_Exercise description_
Go over the listing that follows and work out how many lines have the string "SHEAR"; reply with the number by itself.

*** Begin section ***

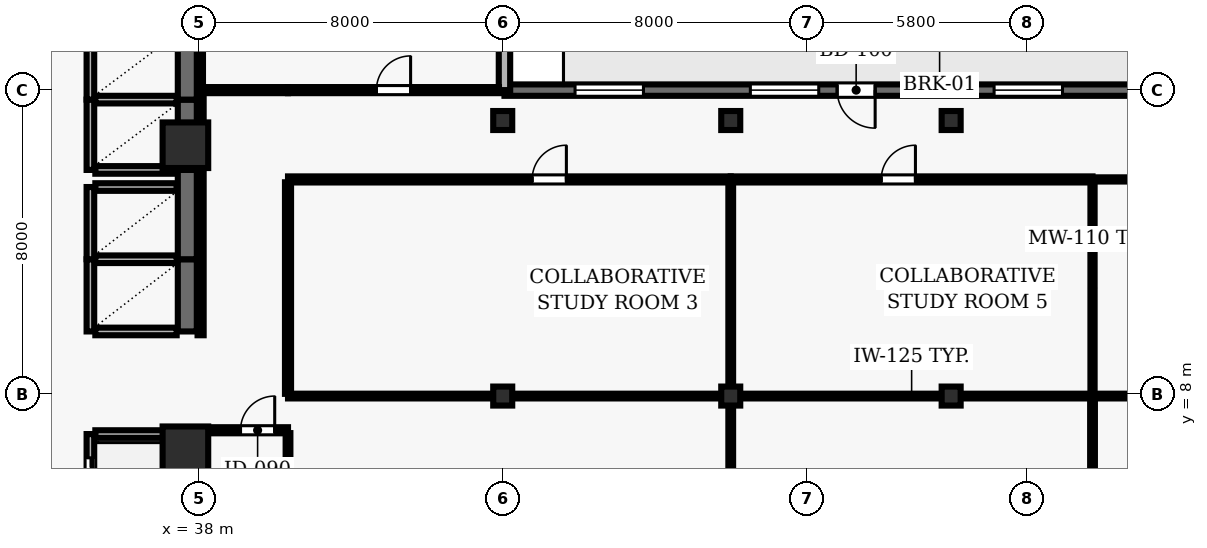
"""IFC4 building model, lengths in metres.
Left out: names, types, materials, properties, quantities, classifications, styles, units other than length and angle.
Written with IfcOpenShell. Run it as: python <this file> out.ifc"""

import sys

from ifc_helpers import new_model, si_unit, direction, frame, frame_2d, origin, origin_2d, place, context, subcontext, project, spatial, rectangle, hollow_rectangle, extrude, element, fill, save


model = new_model("IFC4")
c1 = context("Model", 3, precision=1e-05, world=origin(), true_north=direction((0.0, 1.0)))
c2 = subcontext(c1, "Body", "Model", "MODEL_VIEW")
j1 = project(units=[si_unit("LENGTHUNIT", "METRE"), si_unit("PLANEANGLEUNIT", "RADIAN")], contexts=[c1])
p1 = place(None, origin())
s1 = spatial("IfcSite", under=j1, at=p1, CompositionType="ELEMENT")
p2 = place(p1, origin())
s2 = spatial("IfcBuilding", under=s1, at=p2, CompositionType="ELEMENT")
p3 = place(p2, frame((0.0, 0.0, 142.4)))
s3 = spatial("IfcBuildingStorey", under=s2, at=p3, CompositionType="ELEMENT", Elevation=142.4)
for number, where, z_axis, x_axis in (
    (1, (37.65, 6.55, 0.0), (0.0, 0.0, 1.0), (1.0, 0.0, 0.0)),
    (2, (37.65, 14.55, 0.0), (0.0, 0.0, 1.0), (1.0, 0.0, 0.0)),
):
    element("IfcColumn", number, at=place(p3, frame(where, z_axis=z_axis, x_axis=x_axis)), inside=s3, PredefinedType="COLUMN", context=c2, shape_type="SweptSolid", body=[
        extrude(rectangle(XDim=1.2, YDim=1.2, at=origin_2d()), origin(), (0.0, 0.0, 1.0), 3.9),
    ])
for number, where, z_axis, x_axis in (
    (3, (46.0, 7.95, 0.0), (0.0, 0.0, 1.0), (1.0, 0.0, 0.0)),
    (4, (46.0, 15.2, 0.0), (0.0, 0.0, 1.0), (1.0, 0.0, 0.0)),
    (5, (52.0, 7.95, 0.0), (0.0, 0.0, 1.0), (1.0, 0.0, 0.0)),
    (6, (52.0, 15.2, 0.0), (0.0, 0.0, 1.0), (1.0, 0.0, 0.0)),
    (7, (57.8, 7.95, 0.0), (0.0, 0.0, 1.0), (1.0, 0.0, 0.0)),
    (8, (57.8, 15.2, 0.0), (0.0, 0.0, 1.0), (1.0, 0.0, 0.0)),
):
    element("IfcColumn", number, at=place(p3, frame(where, z_axis=z_axis, x_axis=x_axis)), inside=s3, PredefinedType="COLUMN", context=c2, shape_type="SweptSolid", body=[
        extrude(hollow_rectangle(XDim=0.5, YDim=0.5, WallThickness=0.025, at=origin_2d()), origin(), (0.0, 0.0, 1.0), 3.9),
    ])
p4 = place(p3, frame((68.1, 16.0, 0.0), z_axis=(0.0, 0.0, 1.0), x_axis=(-1.0, 0.0, 0.0)))
e9 = element("IfcWall", 9, at=p4, inside=s3, PredefinedType="SOLIDWALL", context=c2, shape_type="SweptSolid", body=[
    extrude(rectangle(XDim=22.054, YDim=0.3, at=frame_2d((11.027, 0.0))), origin(), (0.0, 0.0, 1.0), 3.69),
])
p5 = place(p4, frame((12.3, 0.0, 0.0)))
e10 = element("IfcOpeningElement", 10, at=p5, cuts=e9, PredefinedType="OPENING", context=c2, shape_type="SweptSolid", body=[
    extrude(rectangle(XDim=1.0, YDim=2.2, at=frame_2d((0.5, 1.1))), frame((0.0, 0.16, 0.0), z_axis=(0.0, -1.0, 0.0), x_axis=(1.0, 0.0, 0.0)), (0.0, 0.0, 1.0), 0.32),
])
p6 = place(p4, frame((1.857, 0.0, 0.9)))
e11 = element("IfcOpeningElement", 11, at=p6, cuts=e9, PredefinedType="OPENING", context=c2, shape_type="SweptSolid", body=[
    extrude(rectangle(XDim=1.8, YDim=1.6, at=frame_2d((0.9, 0.8))), frame((0.0, 0.16, 0.0), z_axis=(0.0, -1.0, 0.0), x_axis=(1.0, 0.0, 0.0)), (0.0, 0.0, 1.0), 0.32),
])
p7 = place(p4, frame((7.37, 0.0, 0.9)))
e12 = element("IfcOpeningElement", 12, at=p7, cuts=e9, PredefinedType="OPENING", context=c2, shape_type="SweptSolid", body=[
    extrude(rectangle(XDim=1.8, YDim=1.6, at=frame_2d((0.9, 0.8))), frame((0.0, 0.16, 0.0), z_axis=(0.0, -1.0, 0.0), x_axis=(1.0, 0.0, 0.0)), (0.0, 0.0, 1.0), 0.32),
])
p8 = place(p4, frame((13.784, 0.0, 0.9)))
e13 = element("IfcOpeningElement", 13, at=p8, cuts=e9, PredefinedType="OPENING", context=c2, shape_type="SweptSolid", body=[
    extrude(rectangle(XDim=1.8, YDim=1.6, at=frame_2d((0.9, 0.8))), frame((0.0, 0.16, 0.0), z_axis=(0.0, -1.0, 0.0), x_axis=(1.0, 0.0, 0.0)), (0.0, 0.0, 1.0), 0.32),
])
p9 = place(p4, frame((18.397, 0.0, 0.9)))
e14 = element("IfcOpeningElement", 14, at=p9, cuts=e9, PredefinedType="OPENING", context=c2, shape_type="SweptSolid", body=[
    extrude(rectangle(XDim=1.8, YDim=1.6, at=frame_2d((0.9, 0.8))), frame((0.0, 0.16, 0.0), z_axis=(0.0, -1.0, 0.0), x_axis=(1.0, 0.0, 0.0)), (0.0, 0.0, 1.0), 0.32),
])
p10 = place(p3, frame((46.046, 16.0, 0.0), z_axis=(0.0, 0.0, 1.0), x_axis=(0.0, 1.0, 0.0)))
e15 = element("IfcWall", 15, at=p10, inside=s3, PredefinedType="SOLIDWALL", context=c2, shape_type="SweptSolid", body=[
    extrude(rectangle(XDim=7.8, YDim=0.3, at=frame_2d((3.9, 0.0))), origin(), (0.0, 0.0, 1.0), 3.69),
])
p11 = place(p10, frame((2.85, 0.0, 0.9)))
e16 = element("IfcOpeningElement", 16, at=p11, cuts=e15, PredefinedType="OPENING", context=c2, shape_type="SweptSolid", body=[
    extrude(rectangle(XDim=2.1, YDim=1.6, at=frame_2d((1.05, 0.8))), frame((0.0, 0.16, 0.0), z_axis=(0.0, -1.0, 0.0), x_axis=(1.0, 0.0, 0.0)), (0.0, 0.0, 1.0), 0.32),
])
p12 = place(p3, frame((35.15, 6.95, 0.0), z_axis=(0.0, 0.0, 1.0), x_axis=(0.0, -1.0, 0.0)))
e17 = element("IfcWall", 17, at=p12, inside=s3, PredefinedType="SOLIDWALL", context=c2, shape_type="SweptSolid", body=[
    extrude(rectangle(XDim=2.25, YDim=0.2, at=frame_2d((1.125, 0.0))), origin(), (0.0, 0.0, 1.0), 3.69),
])
p13 = place(p12, frame((0.625, 0.0, 0.0)))
e18 = element("IfcOpeningElement", 18, at=p13, cuts=e17, PredefinedType="OPENING", context=c2, shape_type="SweptSolid", body=[
    extrude(rectangle(XDim=1.0, YDim=2.1, at=frame_2d((0.5, 1.05))), frame((0.0, 0.11, 0.0), z_axis=(0.0, -1.0, 0.0), x_axis=(1.0, 0.0, 0.0)), (0.0, 0.0, 1.0), 0.22),
])
p14 = place(p3, frame((37.7, 4.7, 0.0), z_axis=(0.0, 0.0, 1.0), x_axis=(0.0, 1.0, 0.0)))
e19 = element("IfcWall", 19, at=p14, inside=s3, PredefinedType="SHEAR", context=c2, shape_type="SweptSolid", body=[
    extrude(rectangle(XDim=2.25, YDim=0.5, at=frame_2d((1.125, 0.0))), origin(), (0.0, 0.0, 1.0), 3.69),
])
p15 = place(p3, frame((37.42, 6.95, 0.0), z_axis=(0.0, 0.0, 1.0), x_axis=(-1.0, 0.0, 0.0)))
e20 = element("IfcWall", 20, at=p15, inside=s3, PredefinedType="SOLIDWALL", context=c2, shape_type="SweptSolid", body=[
    extrude(rectangle(XDim=2.14, YDim=0.2, at=frame_2d((1.07, 0.0))), origin(), (0.0, 0.0, 1.0), 3.69),
])
p16 = place(p3, frame((35.15, 11.55, 0.0), z_axis=(0.0, 0.0, 1.0), x_axis=(0.0, -1.0, 0.0)))
e21 = element("IfcWall", 21, at=p16, inside=s3, PredefinedType="SOLIDWALL", context=c2, shape_type="SweptSolid", body=[
    extrude(rectangle(XDim=1.9, YDim=0.2, at=frame_2d((0.95, 0.0))), origin(), (0.0, 0.0, 1.0), 3.69),
])
p17 = place(p3, frame((37.7, 9.65, 0.0), z_axis=(0.0, 0.0, 1.0), x_axis=(0.0, 1.0, 0.0)))
e22 = element("IfcWall", 22, at=p17, inside=s3, PredefinedType="SHEAR", context=c2, shape_type="SweptSolid", body=[
    extrude(rectangle(XDim=1.9, YDim=0.5, at=frame_2d((0.95, 0.0))), origin(), (0.0, 0.0, 1.0), 3.69),
])
for number, where, z_axis, x_axis in (
    (23, (35.28, 9.65, 0.0), (0.0, 0.0, 1.0), (1.0, 0.0, 0.0)),
    (24, (37.42, 11.55, 0.0), (0.0, 0.0, 1.0), (-1.0, 0.0, 0.0)),
):
    element("IfcWall", number, at=place(p3, frame(where, z_axis=z_axis, x_axis=x_axis)), inside=s3, PredefinedType="SOLIDWALL", context=c2, shape_type="SweptSolid", body=[
        extrude(rectangle(XDim=2.14, YDim=0.2, at=frame_2d((1.07, 0.0))), origin(), (0.0, 0.0, 1.0), 3.69),
    ])
p18 = place(p3, frame((35.15, 13.45, 0.0), z_axis=(0.0, 0.0, 1.0), x_axis=(0.0, -1.0, 0.0)))
e25 = element("IfcWall", 25, at=p18, inside=s3, PredefinedType="SOLIDWALL", context=c2, shape_type="SweptSolid", body=[
    extrude(rectangle(XDim=1.9, YDim=0.2, at=frame_2d((0.95, 0.0))), origin(), (0.0, 0.0, 1.0), 3.69),
])
p19 = place(p3, frame((37.7, 11.55, 0.0), z_axis=(0.0, 0.0, 1.0), x_axis=(0.0, 1.0, 0.0)))
e26 = element("IfcWall", 26, at=p19, inside=s3, PredefinedType="SHEAR", context=c2, shape_type="SweptSolid", body=[
    extrude(rectangle(XDim=2.35, YDim=0.5, at=frame_2d((1.175, 0.0))), origin(), (0.0, 0.0, 1.0), 3.69),
])
p20 = place(p3, frame((37.42, 13.45, 0.0), z_axis=(0.0, 0.0, 1.0), x_axis=(-1.0, 0.0, 0.0)))
e27 = element("IfcWall", 27, at=p20, inside=s3, PredefinedType="SOLIDWALL", context=c2, shape_type="SweptSolid", body=[
    extrude(rectangle(XDim=2.14, YDim=0.2, at=frame_2d((1.07, 0.0))), origin(), (0.0, 0.0, 1.0), 3.69),
])
p21 = place(p3, frame((35.15, 15.75, 0.0), z_axis=(0.0, 0.0, 1.0), x_axis=(0.0, -1.0, 0.0)))
e28 = element("IfcWall", 28, at=p21, inside=s3, PredefinedType="SOLIDWALL", context=c2, shape_type="SweptSolid", body=[
    extrude(rectangle(XDim=1.85, YDim=0.2, at=frame_2d((0.925, 0.0))), origin(), (0.0, 0.0, 1.0), 3.69),
])
p22 = place(p3, frame((37.7, 13.9, 0.0), z_axis=(0.0, 0.0, 1.0), x_axis=(0.0, 1.0, 0.0)))
e29 = element("IfcWall", 29, at=p22, inside=s3, PredefinedType="SHEAR", context=c2, shape_type="SweptSolid", body=[
    extrude(rectangle(XDim=1.85, YDim=0.5, at=frame_2d((0.925, 0.0))), origin(), (0.0, 0.0, 1.0), 3.69),
])
for number, where, z_axis, x_axis in (
    (30, (35.28, 13.9, 0.0), (0.0, 0.0, 1.0), (1.0, 0.0, 0.0)),
    (31, (37.42, 15.75, 0.0), (0.0, 0.0, 1.0), (-1.0, 0.0, 0.0)),
):
    element("IfcWall", number, at=place(p3, frame(where, z_axis=z_axis, x_axis=x_axis)), inside=s3, PredefinedType="SOLIDWALL", context=c2, shape_type="SweptSolid", body=[
        extrude(rectangle(XDim=2.14, YDim=0.2, at=frame_2d((1.07, 0.0))), origin(), (0.0, 0.0, 1.0), 3.69),
    ])
p23 = place(p3, frame((35.15, 17.6, 0.0), z_axis=(0.0, 0.0, 1.0), x_axis=(0.0, -1.0, 0.0)))
e32 = element("IfcWall", 32, at=p23, inside=s3, PredefinedType="SOLIDWALL", context=c2, shape_type="SweptSolid", body=[
    extrude(rectangle(XDim=1.85, YDim=0.2, at=frame_2d((0.925, 0.0))), origin(), (0.0, 0.0, 1.0), 3.69),
])
p24 = place(p3, frame((37.7, 15.75, 0.0), z_axis=(0.0, 0.0, 1.0), x_axis=(0.0, 1.0, 0.0)))
e33 = element("IfcWall", 33, at=p24, inside=s3, PredefinedType="SHEAR", context=c2, shape_type="SweptSolid", body=[
    extrude(rectangle(XDim=1.85, YDim=0.5, at=frame_2d((0.925, 0.0))), origin(), (0.0, 0.0, 1.0), 3.69),
])
p25 = place(p3, frame((38.05, 7.05, 0.0), z_axis=(0.0, 0.0, 1.0), x_axis=(1.0, 0.0, 0.0)))
e34 = element("IfcWall", 34, at=p25, inside=s3, PredefinedType="PARTITIONING", context=c2, shape_type="SweptSolid", body=[
    extrude(rectangle(XDim=2.3, YDim=0.16, at=frame_2d((1.15, 0.0))), origin(), (0.0, 0.0, 1.0), 3.69),
])
p26 = place(p25, frame((1.05, 0.0, 0.0)))
e35 = element("IfcOpeningElement", 35, at=p26, cuts=e34, PredefinedType="OPENING", context=c2, shape_type="SweptSolid", body=[
    extrude(rectangle(XDim=0.9, YDim=2.1, at=frame_2d((0.45, 1.05))), frame((0.0, 0.09, 0.0), z_axis=(0.0, -1.0, 0.0), x_axis=(1.0, 0.0, 0.0)), (0.0, 0.0, 1.0), 0.18),
])
p27 = place(p3, frame((40.35, 13.65, 0.0), z_axis=(0.0, 0.0, 1.0), x_axis=(1.0, 0.0, 0.0)))
e36 = element("IfcWall", 36, at=p27, inside=s3, PredefinedType="PARTITIONING", context=c2, shape_type="SweptSolid", body=[
    extrude(rectangle(XDim=11.65, YDim=0.16, at=frame_2d((5.825, 0.0))), origin(), (0.0, 0.0, 1.0), 3.69),
])
p28 = place(p27, frame((6.425, 0.0, 0.0)))
e37 = element("IfcOpeningElement", 37, at=p28, cuts=e36, PredefinedType="OPENING", context=c2, shape_type="SweptSolid", body=[
    extrude(rectangle(XDim=0.9, YDim=2.1, at=frame_2d((0.45, 1.05))), frame((0.0, 0.09, 0.0), z_axis=(0.0, -1.0, 0.0), x_axis=(1.0, 0.0, 0.0)), (0.0, 0.0, 1.0), 0.18),
])
p29 = place(p3, frame((40.35, 16.0, 0.0), z_axis=(0.0, 0.0, 1.0), x_axis=(-1.0, 0.0, 0.0)))
e38 = element("IfcWall", 38, at=p29, inside=s3, PredefinedType="PARTITIONING", context=c2, shape_type="SweptSolid", body=[
    extrude(rectangle(XDim=2.3, YDim=0.16, at=frame_2d((1.15, 0.0))), origin(), (0.0, 0.0, 1.0), 3.69),
])
p30 = place(p3, frame((40.35, 16.0, 0.0), z_axis=(0.0, 0.0, 1.0), x_axis=(1.0, 0.0, 0.0)))
e39 = element("IfcWall", 39, at=p30, inside=s3, PredefinedType="PARTITIONING", context=c2, shape_type="SweptSolid", body=[
    extrude(rectangle(XDim=5.551, YDim=0.16, at=frame_2d((2.775, 0.0))), origin(), (0.0, 0.0, 1.0), 3.69),
])
p31 = place(p30, frame((2.326, 0.0, 0.0)))
e40 = element("IfcOpeningElement", 40, at=p31, cuts=e39, PredefinedType="OPENING", context=c2, shape_type="SweptSolid", body=[
    extrude(rectangle(XDim=0.9, YDim=2.1, at=frame_2d((0.45, 1.05))), frame((0.0, 0.09, 0.0), z_axis=(0.0, -1.0, 0.0), x_axis=(1.0, 0.0, 0.0)), (0.0, 0.0, 1.0), 0.18),
])
p32 = place(p3, frame((52.0, 7.95, 0.0), z_axis=(0.0, 0.0, 1.0), x_axis=(-1.0, 0.0, 0.0)))
e41 = element("IfcWall", 41, at=p32, inside=s3, PredefinedType="PARTITIONING", context=c2, shape_type="SweptSolid", body=[
    extrude(rectangle(XDim=11.65, YDim=0.125, at=frame_2d((5.825, 0.0))), origin(), (0.0, 0.0, 1.0), 3.074),
])
p33 = place(p3, frame((52.0, 13.65, 0.0), z_axis=(0.0, 0.0, 1.0), x_axis=(1.0, 0.0, 0.0)))
e42 = element("IfcWall", 42, at=p33, inside=s3, PredefinedType="PARTITIONING", context=c2, shape_type="SweptSolid", body=[
    extrude(rectangle(XDim=9.52, YDim=0.16, at=frame_2d((4.76, 0.0))), origin(), (0.0, 0.0, 1.0), 3.69),
])
p34 = place(p33, frame((3.96, 0.0, 0.0)))
e43 = element("IfcOpeningElement", 43, at=p34, cuts=e42, PredefinedType="OPENING", context=c2, shape_type="SweptSolid", body=[
    extrude(rectangle(XDim=0.9, YDim=2.1, at=frame_2d((0.45, 1.05))), frame((0.0, 0.09, 0.0), z_axis=(0.0, -1.0, 0.0), x_axis=(1.0, 0.0, 0.0)), (0.0, 0.0, 1.0), 0.18),
])
p35 = place(p3, frame((61.52, 7.95, 0.0), z_axis=(0.0, 0.0, 1.0), x_axis=(-1.0, 0.0, 0.0)))
e44 = element("IfcWall", 44, at=p35, inside=s3, PredefinedType="PARTITIONING", context=c2, shape_type="SweptSolid", body=[
    extrude(rectangle(XDim=9.52, YDim=0.125, at=frame_2d((4.76, 0.0))), origin(), (0.0, 0.0, 1.0), 3.074),
])
p36 = place(p3, frame((61.52, 13.65, 0.0), z_axis=(0.0, 0.0, 1.0), x_axis=(1.0, 0.0, 0.0)))
e45 = element("IfcWall", 45, at=p36, inside=s3, PredefinedType="MOVABLE", context=c2, shape_type="SweptSolid", body=[
    extrude(rectangle(XDim=8.725, YDim=0.11, at=frame_2d((4.363, 0.0))), origin(), (0.0, 0.0, 1.0), 3.69),
])
p37 = place(p36, frame((3.913, 0.0, 0.0)))
e46 = element("IfcOpeningElement", 46, at=p37, cuts=e45, PredefinedType="OPENING", context=c2, shape_type="SweptSolid", body=[
    extrude(rectangle(XDim=0.9, YDim=2.1, at=frame_2d((0.45, 1.05))), frame((0.0, 0.065, 0.0), z_axis=(0.0, -1.0, 0.0), x_axis=(1.0, 0.0, 0.0)), (0.0, 0.0, 1.0), 0.13),
])
p38 = place(p3, frame((70.455, 7.95, 0.0), z_axis=(0.0, 0.0, 1.0), x_axis=(-1.0, 0.0, 0.0)))
e47 = element("IfcWall", 47, at=p38, inside=s3, PredefinedType="PARTITIONING", context=c2, shape_type="SweptSolid", body=[
    extrude(rectangle(XDim=8.935, YDim=0.125, at=frame_2d((4.468, 0.0))), origin(), (0.0, 0.0, 1.0), 3.69),
])
p39 = place(p3, frame((38.05, 6.975, 0.0), z_axis=(0.0, 0.0, 1.0), x_axis=(0.0, -1.0, 0.0)))
e48 = element("IfcWall", 48, at=p39, inside=s3, PredefinedType="PARTITIONING", context=c2, shape_type="SweptSolid", body=[
    extrude(rectangle(XDim=6.83, YDim=0.125, at=frame_2d((3.415, 0.0))), origin(), (0.0, 0.0, 1.0), 3.074),
])
p40 = place(p3, frame((38.05, 15.925, 0.0), z_axis=(0.0, 0.0, 1.0), x_axis=(0.0, -1.0, 0.0)))
e49 = element("IfcWall", 49, at=p40, inside=s3, PredefinedType="PARTITIONING", context=c2, shape_type="SweptSolid", body=[
    extrude(rectangle(XDim=6.375, YDim=0.16, at=frame_2d((3.188, 0.0))), origin(), (0.0, 0.0, 1.0), 3.074),
])
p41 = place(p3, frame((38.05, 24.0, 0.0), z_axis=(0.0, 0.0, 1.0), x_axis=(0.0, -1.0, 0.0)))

*** End section ***

_Task output_
5